[Data to process]

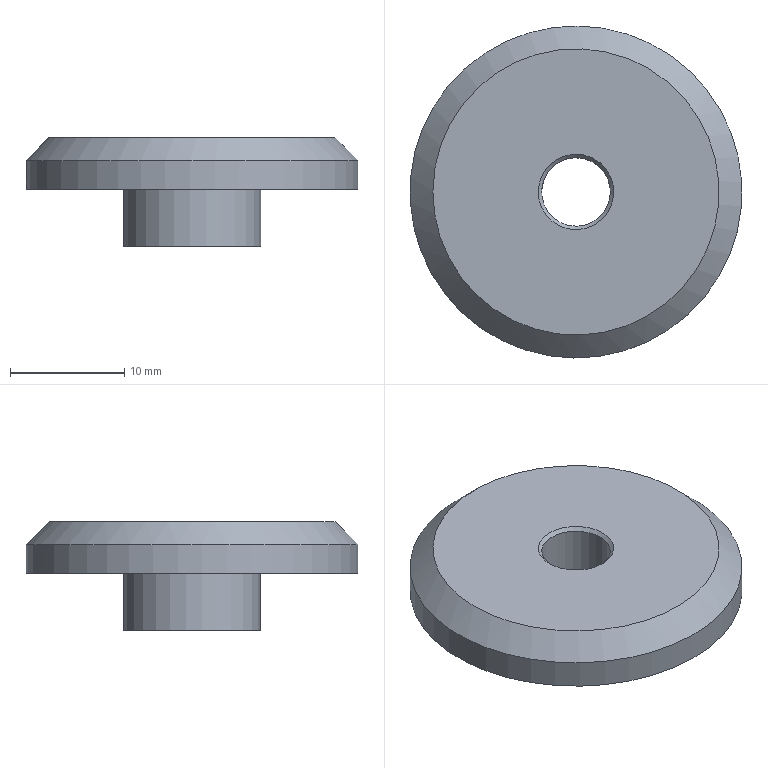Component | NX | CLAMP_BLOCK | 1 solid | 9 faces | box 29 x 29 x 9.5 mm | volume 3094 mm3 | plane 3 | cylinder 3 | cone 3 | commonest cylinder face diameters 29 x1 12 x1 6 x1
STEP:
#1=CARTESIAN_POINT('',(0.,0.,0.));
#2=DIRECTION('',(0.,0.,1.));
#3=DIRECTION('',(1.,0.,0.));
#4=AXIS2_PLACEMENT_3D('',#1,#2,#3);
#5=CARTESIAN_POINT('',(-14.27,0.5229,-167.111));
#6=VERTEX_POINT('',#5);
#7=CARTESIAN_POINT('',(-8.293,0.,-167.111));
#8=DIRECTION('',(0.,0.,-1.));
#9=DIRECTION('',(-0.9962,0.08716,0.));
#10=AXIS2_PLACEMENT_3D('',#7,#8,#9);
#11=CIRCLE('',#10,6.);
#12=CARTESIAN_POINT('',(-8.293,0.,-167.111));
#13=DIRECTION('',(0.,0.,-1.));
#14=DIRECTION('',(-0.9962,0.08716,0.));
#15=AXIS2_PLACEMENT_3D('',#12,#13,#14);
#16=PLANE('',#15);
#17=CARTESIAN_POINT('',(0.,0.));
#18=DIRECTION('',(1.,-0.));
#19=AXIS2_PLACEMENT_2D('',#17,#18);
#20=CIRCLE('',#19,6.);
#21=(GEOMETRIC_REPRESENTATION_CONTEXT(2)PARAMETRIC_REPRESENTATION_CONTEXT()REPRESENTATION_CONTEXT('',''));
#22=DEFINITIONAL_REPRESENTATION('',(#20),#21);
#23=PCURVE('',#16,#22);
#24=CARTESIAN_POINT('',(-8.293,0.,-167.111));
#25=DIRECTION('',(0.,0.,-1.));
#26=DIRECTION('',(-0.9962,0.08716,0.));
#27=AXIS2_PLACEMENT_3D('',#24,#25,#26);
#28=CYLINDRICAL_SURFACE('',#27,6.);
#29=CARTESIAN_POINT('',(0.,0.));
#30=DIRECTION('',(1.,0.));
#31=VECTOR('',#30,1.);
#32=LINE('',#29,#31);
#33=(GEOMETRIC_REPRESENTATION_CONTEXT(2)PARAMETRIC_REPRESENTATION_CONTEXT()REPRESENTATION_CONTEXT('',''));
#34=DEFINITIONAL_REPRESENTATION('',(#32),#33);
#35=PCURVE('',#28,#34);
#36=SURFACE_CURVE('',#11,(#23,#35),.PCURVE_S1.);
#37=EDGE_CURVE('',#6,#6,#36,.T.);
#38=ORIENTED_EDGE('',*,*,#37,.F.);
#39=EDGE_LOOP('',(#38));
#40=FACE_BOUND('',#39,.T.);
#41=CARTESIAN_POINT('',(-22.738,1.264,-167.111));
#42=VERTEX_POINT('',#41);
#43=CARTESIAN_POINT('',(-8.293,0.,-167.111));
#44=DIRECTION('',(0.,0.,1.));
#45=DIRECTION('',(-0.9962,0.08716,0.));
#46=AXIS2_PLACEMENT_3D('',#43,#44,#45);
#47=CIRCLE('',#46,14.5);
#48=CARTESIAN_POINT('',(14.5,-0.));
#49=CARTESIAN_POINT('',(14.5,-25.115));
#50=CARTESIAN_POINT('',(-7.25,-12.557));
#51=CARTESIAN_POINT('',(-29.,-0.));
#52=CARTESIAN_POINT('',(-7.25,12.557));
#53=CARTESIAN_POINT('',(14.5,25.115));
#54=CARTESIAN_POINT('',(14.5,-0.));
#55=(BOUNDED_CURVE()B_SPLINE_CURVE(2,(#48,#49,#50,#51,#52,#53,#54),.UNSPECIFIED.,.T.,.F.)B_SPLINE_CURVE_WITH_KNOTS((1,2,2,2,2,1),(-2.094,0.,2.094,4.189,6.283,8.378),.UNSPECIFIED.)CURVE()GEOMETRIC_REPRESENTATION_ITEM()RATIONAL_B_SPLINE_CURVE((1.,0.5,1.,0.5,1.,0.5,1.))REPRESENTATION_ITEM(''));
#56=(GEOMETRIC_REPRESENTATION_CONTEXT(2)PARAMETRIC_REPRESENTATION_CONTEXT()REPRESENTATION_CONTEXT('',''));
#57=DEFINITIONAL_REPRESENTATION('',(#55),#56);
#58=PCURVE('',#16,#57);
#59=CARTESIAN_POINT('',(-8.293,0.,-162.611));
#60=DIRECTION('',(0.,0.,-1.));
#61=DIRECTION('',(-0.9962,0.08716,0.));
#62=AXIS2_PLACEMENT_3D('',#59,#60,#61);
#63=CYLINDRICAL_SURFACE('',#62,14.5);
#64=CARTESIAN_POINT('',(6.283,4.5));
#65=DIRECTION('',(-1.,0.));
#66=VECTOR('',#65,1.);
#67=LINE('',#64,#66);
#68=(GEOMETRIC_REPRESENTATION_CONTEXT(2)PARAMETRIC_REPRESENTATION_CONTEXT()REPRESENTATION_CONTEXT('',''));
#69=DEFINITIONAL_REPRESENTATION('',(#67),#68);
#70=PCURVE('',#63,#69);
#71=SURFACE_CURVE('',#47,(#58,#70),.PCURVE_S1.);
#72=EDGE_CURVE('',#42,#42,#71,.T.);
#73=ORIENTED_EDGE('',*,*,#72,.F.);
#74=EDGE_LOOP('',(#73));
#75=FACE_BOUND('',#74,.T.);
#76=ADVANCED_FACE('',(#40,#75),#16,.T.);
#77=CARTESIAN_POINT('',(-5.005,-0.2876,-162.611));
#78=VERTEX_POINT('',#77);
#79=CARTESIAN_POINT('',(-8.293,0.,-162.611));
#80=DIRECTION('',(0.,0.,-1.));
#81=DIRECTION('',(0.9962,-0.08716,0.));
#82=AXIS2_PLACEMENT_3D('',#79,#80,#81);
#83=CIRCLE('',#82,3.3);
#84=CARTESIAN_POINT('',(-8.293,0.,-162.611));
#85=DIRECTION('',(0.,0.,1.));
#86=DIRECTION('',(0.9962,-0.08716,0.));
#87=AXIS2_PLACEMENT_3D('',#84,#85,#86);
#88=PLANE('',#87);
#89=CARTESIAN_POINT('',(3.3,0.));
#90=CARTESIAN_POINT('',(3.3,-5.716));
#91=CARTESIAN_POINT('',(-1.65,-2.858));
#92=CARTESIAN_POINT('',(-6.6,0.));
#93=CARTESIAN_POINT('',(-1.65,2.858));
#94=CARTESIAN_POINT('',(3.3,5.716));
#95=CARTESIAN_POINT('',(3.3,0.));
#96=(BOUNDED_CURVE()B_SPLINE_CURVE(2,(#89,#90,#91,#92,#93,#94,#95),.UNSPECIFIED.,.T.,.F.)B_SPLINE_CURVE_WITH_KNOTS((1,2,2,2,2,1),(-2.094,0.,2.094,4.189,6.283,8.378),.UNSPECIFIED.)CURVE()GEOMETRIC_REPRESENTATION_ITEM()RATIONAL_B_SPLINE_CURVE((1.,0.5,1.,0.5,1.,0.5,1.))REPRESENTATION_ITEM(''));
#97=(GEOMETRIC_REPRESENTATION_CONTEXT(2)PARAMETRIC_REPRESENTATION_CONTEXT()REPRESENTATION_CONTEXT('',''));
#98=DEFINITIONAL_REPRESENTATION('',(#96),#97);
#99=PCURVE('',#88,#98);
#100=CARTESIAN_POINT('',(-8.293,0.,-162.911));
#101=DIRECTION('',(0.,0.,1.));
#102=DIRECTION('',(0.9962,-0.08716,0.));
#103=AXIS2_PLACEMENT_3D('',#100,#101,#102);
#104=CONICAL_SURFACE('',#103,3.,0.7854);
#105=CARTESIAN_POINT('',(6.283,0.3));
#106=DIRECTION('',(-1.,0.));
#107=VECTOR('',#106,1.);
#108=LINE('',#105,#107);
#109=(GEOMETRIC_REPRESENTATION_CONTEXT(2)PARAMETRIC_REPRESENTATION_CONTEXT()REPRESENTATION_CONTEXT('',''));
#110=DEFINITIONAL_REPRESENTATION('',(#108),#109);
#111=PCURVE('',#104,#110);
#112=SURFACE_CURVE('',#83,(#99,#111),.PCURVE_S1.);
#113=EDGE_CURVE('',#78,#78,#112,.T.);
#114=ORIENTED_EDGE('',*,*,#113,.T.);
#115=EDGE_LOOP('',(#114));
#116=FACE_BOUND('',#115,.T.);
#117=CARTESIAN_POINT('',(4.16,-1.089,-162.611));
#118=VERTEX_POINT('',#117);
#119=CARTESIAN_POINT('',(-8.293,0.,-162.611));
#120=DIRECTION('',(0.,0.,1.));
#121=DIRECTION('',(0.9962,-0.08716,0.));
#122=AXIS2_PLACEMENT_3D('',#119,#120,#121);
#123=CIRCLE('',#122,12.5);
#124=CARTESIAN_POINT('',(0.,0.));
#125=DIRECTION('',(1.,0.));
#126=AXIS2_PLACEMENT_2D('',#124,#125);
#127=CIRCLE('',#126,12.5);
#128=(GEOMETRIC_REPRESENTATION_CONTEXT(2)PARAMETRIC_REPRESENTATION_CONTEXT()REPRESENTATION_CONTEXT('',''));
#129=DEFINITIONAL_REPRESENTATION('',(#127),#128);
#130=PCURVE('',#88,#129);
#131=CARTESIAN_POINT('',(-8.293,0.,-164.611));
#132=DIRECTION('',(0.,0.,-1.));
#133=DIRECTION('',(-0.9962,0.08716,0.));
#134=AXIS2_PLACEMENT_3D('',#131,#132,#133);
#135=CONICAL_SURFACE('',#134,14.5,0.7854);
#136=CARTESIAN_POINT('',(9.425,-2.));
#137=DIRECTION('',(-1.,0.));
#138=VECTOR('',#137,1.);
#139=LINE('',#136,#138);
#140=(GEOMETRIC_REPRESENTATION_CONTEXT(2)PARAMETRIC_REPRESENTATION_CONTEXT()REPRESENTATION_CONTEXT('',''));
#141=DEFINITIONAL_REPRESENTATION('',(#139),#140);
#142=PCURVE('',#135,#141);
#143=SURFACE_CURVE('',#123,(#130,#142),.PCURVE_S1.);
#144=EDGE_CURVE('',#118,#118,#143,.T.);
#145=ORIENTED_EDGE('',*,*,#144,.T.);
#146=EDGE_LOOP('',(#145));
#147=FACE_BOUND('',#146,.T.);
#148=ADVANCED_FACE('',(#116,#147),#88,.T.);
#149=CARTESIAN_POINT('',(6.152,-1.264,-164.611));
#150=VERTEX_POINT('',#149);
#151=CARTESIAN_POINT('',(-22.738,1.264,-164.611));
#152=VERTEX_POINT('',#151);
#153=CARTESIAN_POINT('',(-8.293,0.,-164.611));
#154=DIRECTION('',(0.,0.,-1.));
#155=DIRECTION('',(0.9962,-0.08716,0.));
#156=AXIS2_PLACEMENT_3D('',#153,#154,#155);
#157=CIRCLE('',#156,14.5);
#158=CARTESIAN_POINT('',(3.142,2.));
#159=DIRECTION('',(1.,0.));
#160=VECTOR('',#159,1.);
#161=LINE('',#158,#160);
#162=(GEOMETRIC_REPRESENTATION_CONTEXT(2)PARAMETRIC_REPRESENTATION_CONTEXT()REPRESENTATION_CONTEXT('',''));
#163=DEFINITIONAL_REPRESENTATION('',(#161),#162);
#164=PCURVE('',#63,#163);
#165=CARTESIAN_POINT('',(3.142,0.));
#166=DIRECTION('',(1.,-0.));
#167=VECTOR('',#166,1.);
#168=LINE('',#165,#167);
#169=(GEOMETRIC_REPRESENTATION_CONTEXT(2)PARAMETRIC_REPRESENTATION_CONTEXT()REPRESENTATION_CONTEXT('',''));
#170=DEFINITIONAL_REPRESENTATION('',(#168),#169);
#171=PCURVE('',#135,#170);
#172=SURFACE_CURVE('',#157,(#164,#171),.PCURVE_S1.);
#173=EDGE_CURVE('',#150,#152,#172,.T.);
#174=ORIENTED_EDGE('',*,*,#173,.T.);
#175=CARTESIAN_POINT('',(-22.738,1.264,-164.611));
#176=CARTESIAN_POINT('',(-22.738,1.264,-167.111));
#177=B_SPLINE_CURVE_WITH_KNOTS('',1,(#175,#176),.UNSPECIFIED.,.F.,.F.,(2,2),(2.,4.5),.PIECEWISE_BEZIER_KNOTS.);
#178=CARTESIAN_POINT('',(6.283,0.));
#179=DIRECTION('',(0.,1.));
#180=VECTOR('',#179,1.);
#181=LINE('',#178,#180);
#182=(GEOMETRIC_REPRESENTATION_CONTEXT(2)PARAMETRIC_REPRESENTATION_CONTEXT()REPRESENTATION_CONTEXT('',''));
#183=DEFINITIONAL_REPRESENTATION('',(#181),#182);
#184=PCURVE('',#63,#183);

[/Data to process]

__Exercise description__. The result should consist solely of the lines from the one that contains "#180=VECTOR('',#179,1.);" to the last line of the records above, reproduced exactly.

__Output__.
#180=VECTOR('',#179,1.);
#181=LINE('',#178,#180);
#182=(GEOMETRIC_REPRESENTATION_CONTEXT(2)PARAMETRIC_REPRESENTATION_CONTEXT()REPRESENTATION_CONTEXT('',''));
#183=DEFINITIONAL_REPRESENTATION('',(#181),#182);
#184=PCURVE('',#63,#183);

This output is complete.